DIRECTIONS: Take the line that contains "for number, where, z_axis, x_axis" in the data below and each line after it, through the last, and repeat them unchanged.

[Stored entries]
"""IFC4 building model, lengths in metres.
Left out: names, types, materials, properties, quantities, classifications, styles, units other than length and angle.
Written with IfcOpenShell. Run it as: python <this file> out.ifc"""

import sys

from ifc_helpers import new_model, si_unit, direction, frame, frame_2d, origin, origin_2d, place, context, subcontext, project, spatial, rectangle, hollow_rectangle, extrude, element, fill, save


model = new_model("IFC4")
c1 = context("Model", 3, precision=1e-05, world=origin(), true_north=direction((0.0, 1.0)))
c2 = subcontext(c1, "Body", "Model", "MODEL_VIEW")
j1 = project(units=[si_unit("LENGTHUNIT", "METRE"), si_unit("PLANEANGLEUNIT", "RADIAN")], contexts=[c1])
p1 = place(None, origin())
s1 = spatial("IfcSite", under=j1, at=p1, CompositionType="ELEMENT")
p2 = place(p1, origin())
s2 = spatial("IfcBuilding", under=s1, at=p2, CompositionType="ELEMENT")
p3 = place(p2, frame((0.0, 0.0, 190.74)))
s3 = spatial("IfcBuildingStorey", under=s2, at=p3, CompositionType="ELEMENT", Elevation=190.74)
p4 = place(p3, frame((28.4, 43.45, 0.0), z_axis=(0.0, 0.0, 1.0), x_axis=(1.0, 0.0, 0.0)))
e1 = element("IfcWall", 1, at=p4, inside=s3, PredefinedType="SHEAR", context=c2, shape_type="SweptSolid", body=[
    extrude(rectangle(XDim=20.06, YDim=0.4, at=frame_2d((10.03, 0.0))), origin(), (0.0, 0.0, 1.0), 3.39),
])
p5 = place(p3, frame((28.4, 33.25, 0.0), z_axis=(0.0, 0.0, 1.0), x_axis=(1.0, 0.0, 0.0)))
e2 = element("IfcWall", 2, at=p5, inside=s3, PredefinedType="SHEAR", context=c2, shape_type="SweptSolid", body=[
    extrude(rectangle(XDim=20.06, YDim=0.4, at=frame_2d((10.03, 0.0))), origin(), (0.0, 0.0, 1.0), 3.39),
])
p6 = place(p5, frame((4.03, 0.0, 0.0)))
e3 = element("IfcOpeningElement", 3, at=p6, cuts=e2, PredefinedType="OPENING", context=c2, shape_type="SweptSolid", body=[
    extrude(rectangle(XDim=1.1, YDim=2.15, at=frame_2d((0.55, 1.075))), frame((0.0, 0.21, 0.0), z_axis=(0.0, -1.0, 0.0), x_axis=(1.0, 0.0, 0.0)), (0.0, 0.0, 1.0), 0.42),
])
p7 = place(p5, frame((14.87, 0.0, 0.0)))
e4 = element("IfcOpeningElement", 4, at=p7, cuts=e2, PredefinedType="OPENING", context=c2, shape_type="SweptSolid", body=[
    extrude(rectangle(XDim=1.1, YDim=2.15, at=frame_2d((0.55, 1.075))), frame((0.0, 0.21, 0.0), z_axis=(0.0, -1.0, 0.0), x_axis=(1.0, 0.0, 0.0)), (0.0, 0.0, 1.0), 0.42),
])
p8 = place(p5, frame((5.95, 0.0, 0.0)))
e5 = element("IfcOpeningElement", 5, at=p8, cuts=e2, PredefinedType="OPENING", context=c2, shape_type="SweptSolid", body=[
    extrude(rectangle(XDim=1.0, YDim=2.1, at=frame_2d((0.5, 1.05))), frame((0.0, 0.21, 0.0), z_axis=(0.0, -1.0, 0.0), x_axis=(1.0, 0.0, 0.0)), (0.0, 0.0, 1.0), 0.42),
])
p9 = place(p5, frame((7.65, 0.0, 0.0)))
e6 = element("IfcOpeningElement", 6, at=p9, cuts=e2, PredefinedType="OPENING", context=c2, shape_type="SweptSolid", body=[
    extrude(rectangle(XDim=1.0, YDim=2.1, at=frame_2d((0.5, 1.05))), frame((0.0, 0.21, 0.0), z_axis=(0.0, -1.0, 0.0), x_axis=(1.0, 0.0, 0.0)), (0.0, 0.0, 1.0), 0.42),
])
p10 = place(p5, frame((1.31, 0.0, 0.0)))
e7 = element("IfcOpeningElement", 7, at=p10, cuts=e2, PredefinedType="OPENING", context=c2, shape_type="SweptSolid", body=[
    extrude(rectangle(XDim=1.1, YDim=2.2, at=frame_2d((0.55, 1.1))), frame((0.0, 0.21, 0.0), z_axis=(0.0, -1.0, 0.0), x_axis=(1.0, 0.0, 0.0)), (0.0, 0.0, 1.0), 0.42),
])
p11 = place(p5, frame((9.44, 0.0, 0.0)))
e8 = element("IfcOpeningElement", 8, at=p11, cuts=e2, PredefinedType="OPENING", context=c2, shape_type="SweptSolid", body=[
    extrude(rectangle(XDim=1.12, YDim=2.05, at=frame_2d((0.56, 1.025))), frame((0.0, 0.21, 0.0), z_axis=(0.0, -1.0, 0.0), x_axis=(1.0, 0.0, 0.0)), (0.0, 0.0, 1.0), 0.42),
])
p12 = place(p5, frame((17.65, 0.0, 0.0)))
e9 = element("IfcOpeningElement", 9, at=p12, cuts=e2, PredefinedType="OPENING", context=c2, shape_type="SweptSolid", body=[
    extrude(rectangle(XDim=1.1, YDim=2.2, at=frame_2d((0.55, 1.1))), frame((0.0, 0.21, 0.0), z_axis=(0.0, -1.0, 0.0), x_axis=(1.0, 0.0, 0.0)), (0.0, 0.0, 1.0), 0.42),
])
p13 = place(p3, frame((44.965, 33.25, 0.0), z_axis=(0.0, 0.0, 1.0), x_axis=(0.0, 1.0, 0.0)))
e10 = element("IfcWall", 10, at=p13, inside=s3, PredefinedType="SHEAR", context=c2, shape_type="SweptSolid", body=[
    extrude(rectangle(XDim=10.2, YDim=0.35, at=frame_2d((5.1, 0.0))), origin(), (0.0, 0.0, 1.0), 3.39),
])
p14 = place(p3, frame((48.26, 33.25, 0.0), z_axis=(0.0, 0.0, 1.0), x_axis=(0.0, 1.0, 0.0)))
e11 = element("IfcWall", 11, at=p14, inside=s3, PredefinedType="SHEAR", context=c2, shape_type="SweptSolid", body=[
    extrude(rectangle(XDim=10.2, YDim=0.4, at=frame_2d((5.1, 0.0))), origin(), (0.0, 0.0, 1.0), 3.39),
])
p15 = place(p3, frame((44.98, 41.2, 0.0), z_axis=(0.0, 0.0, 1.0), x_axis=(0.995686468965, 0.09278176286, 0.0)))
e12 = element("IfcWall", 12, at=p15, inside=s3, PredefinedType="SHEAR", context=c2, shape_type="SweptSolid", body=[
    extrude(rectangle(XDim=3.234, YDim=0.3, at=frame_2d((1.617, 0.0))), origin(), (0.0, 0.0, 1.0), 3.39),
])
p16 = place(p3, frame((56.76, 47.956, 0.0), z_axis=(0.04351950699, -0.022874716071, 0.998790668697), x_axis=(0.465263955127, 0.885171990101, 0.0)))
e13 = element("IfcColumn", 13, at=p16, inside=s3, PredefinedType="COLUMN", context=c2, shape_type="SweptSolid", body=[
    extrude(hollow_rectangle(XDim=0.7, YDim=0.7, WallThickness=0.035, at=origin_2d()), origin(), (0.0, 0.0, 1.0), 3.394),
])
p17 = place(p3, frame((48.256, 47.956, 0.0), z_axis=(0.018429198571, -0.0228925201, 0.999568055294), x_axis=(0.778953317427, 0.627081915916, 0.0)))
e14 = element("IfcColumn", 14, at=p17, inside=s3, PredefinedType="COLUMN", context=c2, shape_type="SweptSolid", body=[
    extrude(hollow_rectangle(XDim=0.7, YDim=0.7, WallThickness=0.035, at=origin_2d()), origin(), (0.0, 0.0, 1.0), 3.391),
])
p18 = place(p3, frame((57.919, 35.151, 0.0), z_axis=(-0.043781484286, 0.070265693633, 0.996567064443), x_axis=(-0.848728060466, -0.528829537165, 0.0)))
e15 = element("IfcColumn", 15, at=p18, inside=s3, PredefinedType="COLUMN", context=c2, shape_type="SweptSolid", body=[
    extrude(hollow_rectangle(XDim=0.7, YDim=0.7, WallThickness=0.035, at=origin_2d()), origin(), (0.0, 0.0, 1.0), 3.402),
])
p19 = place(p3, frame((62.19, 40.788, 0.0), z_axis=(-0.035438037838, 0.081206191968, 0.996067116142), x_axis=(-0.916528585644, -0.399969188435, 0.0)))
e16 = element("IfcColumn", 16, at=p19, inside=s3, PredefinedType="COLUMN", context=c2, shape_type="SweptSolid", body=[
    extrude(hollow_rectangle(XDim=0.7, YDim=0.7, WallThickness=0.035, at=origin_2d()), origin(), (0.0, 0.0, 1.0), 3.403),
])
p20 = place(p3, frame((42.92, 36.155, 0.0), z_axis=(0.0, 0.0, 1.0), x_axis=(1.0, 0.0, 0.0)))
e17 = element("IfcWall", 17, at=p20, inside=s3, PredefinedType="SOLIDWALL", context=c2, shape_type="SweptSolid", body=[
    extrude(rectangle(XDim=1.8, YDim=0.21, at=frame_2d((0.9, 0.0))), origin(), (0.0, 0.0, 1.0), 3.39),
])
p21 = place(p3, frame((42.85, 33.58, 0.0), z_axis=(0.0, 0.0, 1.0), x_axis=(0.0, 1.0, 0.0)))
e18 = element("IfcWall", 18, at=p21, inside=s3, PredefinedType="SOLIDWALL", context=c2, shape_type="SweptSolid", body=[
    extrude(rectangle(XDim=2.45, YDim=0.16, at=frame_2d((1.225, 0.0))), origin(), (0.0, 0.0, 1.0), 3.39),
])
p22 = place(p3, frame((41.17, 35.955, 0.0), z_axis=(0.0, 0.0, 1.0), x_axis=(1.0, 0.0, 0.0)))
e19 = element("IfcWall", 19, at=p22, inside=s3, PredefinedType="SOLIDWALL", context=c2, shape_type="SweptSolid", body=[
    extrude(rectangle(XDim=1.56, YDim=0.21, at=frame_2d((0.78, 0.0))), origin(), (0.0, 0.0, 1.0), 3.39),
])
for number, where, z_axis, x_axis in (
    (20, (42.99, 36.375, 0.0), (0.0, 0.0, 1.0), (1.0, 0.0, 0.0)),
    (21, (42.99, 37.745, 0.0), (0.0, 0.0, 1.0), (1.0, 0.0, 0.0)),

RESULT OF THE TASK:
for number, where, z_axis, x_axis in (
    (20, (42.99, 36.375, 0.0), (0.0, 0.0, 1.0), (1.0, 0.0, 0.0)),
    (21, (42.99, 37.745, 0.0), (0.0, 0.0, 1.0), (1.0, 0.0, 0.0)),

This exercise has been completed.